• _Exercise details_
Return every line of the records that includes the string "origin".

• _Records from a collection_
—————
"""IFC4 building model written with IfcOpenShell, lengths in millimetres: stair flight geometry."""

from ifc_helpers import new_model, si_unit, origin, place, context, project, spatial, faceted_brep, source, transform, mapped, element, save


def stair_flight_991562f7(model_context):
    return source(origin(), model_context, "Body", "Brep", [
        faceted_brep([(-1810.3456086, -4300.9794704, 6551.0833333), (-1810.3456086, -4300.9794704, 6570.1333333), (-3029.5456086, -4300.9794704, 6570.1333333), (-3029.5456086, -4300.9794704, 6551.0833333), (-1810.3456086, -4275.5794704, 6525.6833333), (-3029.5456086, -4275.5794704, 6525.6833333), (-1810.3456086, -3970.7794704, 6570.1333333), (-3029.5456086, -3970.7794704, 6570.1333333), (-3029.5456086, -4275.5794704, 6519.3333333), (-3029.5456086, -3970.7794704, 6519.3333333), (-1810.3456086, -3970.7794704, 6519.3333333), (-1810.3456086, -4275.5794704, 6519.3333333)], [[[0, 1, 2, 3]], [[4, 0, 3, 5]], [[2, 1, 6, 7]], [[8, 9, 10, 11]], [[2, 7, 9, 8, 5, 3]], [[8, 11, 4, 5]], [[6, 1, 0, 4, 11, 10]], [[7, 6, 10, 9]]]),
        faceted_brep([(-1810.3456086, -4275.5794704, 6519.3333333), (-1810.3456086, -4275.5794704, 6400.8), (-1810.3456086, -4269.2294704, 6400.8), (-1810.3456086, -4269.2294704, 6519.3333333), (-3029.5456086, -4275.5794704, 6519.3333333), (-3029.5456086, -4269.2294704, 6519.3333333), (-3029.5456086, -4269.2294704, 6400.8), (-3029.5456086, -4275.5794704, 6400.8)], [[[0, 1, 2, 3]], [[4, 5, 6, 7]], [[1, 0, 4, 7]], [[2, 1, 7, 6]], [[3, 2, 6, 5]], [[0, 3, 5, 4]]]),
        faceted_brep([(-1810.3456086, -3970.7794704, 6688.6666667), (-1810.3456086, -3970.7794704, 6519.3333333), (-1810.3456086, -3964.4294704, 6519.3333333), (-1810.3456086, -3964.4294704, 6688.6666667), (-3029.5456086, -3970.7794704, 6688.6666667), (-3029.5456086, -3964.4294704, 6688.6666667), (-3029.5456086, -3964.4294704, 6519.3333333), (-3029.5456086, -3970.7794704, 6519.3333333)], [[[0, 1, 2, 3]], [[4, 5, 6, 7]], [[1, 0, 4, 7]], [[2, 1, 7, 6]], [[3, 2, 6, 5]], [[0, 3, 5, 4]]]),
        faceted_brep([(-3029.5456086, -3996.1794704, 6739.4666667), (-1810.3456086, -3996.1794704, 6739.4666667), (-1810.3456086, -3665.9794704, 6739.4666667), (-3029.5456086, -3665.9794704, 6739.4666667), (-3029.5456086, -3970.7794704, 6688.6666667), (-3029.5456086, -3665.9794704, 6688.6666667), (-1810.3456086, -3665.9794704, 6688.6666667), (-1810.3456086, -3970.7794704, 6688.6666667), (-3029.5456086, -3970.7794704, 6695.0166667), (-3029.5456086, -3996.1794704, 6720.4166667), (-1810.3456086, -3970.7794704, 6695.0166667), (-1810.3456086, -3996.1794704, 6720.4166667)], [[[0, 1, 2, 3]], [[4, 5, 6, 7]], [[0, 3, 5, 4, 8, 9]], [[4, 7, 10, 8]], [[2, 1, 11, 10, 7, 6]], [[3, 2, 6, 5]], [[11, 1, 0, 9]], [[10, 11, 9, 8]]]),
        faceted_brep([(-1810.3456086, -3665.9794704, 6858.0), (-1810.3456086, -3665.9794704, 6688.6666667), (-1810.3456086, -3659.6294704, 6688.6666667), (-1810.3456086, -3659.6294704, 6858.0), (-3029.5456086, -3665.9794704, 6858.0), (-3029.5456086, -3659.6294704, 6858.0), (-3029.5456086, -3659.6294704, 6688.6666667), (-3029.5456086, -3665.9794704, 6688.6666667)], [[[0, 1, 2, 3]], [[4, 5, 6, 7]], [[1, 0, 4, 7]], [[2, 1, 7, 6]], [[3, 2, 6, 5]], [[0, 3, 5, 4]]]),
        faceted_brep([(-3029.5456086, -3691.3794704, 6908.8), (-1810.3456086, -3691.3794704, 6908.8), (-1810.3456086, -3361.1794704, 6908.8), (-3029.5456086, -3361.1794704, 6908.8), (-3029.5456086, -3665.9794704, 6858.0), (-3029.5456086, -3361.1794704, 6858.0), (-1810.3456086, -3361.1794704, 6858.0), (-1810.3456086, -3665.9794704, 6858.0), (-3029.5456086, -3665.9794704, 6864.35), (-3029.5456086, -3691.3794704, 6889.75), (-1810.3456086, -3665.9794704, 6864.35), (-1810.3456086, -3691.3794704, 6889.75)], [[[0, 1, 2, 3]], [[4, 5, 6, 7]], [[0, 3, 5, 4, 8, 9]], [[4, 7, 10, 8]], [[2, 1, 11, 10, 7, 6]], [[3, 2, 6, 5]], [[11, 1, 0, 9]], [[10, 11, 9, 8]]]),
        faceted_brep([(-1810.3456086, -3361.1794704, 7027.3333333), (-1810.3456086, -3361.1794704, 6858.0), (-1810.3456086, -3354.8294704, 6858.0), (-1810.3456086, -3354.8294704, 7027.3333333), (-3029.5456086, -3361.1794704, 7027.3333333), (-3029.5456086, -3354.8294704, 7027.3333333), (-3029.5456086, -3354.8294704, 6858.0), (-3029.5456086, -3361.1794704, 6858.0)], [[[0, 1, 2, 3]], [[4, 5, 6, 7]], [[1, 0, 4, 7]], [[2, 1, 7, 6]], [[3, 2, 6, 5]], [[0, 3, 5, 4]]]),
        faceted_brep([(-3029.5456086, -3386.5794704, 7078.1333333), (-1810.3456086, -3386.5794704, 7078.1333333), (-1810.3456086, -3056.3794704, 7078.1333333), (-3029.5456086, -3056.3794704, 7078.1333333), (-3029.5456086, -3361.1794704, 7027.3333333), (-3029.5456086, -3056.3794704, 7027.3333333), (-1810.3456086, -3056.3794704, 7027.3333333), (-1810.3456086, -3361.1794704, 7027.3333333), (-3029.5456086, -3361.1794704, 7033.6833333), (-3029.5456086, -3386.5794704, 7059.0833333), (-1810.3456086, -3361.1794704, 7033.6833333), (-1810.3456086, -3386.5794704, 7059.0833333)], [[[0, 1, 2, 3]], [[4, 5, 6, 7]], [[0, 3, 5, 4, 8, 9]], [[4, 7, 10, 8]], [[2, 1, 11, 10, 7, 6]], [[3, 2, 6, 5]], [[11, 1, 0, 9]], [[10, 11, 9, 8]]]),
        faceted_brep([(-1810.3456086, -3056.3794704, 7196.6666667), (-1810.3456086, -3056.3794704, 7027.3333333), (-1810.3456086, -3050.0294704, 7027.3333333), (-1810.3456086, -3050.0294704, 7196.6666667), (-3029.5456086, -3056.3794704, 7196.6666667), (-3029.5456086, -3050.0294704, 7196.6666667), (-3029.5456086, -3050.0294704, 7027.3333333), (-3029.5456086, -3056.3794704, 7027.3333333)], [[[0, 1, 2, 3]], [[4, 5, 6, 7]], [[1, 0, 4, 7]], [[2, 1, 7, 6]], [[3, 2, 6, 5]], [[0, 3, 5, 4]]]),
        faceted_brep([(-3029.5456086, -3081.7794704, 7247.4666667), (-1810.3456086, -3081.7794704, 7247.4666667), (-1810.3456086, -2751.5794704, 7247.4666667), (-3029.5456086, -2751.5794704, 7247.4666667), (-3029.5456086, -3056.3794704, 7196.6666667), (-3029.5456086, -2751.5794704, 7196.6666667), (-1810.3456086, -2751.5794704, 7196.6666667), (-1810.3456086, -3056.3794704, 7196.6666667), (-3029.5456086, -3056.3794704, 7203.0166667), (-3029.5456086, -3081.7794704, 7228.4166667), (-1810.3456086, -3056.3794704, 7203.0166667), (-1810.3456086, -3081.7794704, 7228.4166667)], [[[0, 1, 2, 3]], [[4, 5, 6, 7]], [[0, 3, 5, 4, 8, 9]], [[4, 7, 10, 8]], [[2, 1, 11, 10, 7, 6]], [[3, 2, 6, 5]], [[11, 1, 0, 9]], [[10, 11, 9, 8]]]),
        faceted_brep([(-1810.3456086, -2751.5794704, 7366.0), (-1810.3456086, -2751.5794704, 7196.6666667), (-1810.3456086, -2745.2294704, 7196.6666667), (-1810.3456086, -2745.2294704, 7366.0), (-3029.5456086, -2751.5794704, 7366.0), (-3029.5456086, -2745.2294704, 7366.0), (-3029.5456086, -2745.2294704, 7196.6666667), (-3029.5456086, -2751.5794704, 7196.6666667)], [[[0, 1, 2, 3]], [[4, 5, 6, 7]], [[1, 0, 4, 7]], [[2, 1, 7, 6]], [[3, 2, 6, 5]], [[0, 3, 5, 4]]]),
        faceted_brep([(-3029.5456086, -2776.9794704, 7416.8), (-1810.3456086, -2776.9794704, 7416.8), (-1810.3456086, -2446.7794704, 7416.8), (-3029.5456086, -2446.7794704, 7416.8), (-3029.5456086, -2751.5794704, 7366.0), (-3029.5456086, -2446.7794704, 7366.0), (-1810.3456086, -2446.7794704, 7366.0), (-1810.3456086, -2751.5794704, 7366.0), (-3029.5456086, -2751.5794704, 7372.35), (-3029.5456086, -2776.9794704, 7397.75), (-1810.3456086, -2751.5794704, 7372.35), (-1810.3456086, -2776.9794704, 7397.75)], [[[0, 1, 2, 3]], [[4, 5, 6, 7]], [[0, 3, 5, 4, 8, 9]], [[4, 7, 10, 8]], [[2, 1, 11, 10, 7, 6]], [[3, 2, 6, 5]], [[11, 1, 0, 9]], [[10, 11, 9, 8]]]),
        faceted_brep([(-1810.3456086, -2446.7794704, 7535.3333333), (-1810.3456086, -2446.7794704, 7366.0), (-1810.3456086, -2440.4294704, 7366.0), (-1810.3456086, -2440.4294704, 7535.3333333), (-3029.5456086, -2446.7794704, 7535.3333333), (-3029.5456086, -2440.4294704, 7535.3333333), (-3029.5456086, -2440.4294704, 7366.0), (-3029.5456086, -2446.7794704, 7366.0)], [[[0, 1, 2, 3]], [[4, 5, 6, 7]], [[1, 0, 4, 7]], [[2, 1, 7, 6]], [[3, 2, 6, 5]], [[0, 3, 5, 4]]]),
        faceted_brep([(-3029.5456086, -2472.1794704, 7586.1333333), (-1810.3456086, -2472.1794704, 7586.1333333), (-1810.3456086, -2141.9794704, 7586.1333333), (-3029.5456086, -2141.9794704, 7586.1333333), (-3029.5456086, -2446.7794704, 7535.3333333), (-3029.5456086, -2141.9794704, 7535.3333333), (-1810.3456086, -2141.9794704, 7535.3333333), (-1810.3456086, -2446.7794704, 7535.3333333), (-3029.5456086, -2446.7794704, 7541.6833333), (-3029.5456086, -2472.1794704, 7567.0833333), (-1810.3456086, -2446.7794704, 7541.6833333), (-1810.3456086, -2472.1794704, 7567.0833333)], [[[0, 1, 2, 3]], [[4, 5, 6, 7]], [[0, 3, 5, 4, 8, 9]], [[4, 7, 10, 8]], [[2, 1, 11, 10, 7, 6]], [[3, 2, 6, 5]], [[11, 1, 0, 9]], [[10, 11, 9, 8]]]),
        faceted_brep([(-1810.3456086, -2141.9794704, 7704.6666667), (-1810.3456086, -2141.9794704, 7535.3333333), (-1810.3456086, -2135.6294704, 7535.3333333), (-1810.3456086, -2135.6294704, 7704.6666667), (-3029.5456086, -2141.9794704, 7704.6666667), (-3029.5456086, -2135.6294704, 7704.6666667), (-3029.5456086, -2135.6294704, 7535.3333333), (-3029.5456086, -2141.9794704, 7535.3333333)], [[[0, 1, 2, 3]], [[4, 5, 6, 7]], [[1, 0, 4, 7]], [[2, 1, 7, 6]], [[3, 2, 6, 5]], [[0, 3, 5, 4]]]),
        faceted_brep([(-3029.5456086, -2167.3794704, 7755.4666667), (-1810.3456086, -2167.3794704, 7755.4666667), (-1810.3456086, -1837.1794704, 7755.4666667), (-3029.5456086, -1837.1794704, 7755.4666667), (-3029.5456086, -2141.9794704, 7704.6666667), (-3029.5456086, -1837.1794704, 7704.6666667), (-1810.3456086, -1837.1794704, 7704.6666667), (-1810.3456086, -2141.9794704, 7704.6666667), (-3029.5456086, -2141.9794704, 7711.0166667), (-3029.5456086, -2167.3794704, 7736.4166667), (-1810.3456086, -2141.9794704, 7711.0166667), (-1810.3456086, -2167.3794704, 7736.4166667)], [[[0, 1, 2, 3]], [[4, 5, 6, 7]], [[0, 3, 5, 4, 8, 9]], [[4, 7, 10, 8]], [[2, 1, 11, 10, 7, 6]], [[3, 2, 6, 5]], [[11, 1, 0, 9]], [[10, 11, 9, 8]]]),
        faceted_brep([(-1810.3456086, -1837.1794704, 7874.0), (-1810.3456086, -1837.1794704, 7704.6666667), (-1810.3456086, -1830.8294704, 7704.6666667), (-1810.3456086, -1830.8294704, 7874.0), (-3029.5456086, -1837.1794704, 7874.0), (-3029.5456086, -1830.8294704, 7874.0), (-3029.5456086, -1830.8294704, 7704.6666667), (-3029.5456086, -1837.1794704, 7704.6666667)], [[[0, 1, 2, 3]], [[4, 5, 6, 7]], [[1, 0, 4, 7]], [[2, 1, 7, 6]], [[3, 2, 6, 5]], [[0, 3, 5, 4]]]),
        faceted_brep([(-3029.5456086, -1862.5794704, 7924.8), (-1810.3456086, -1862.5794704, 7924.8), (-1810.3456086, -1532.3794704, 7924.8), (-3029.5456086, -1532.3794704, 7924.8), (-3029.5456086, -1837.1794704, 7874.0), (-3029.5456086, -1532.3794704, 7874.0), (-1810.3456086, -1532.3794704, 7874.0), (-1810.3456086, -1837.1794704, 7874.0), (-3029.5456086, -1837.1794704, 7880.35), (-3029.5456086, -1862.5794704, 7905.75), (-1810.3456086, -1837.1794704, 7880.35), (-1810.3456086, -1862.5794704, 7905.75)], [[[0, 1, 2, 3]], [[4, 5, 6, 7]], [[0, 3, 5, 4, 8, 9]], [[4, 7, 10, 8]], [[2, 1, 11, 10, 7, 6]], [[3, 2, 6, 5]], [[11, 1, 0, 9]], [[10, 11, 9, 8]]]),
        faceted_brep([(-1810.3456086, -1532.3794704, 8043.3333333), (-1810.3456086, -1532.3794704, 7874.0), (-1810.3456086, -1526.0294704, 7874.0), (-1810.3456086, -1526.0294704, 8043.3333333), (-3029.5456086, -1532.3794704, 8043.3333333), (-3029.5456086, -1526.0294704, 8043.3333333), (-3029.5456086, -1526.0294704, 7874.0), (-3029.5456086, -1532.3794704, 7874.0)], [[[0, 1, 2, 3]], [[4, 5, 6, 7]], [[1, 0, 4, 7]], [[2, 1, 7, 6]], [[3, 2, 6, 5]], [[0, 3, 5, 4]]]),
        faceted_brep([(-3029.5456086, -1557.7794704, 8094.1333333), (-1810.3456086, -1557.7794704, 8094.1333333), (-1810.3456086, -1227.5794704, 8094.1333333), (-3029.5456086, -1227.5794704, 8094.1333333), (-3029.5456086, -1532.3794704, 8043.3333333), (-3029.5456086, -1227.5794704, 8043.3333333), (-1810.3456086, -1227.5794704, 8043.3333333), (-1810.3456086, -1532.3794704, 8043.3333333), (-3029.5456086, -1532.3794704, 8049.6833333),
—————
• _Solution to the exercise_
from ifc_helpers import new_model, si_unit, origin, place, context, project, spatial, faceted_brep, source, transform, mapped, element, save
    return source(origin(), model_context, "Body", "Brep", [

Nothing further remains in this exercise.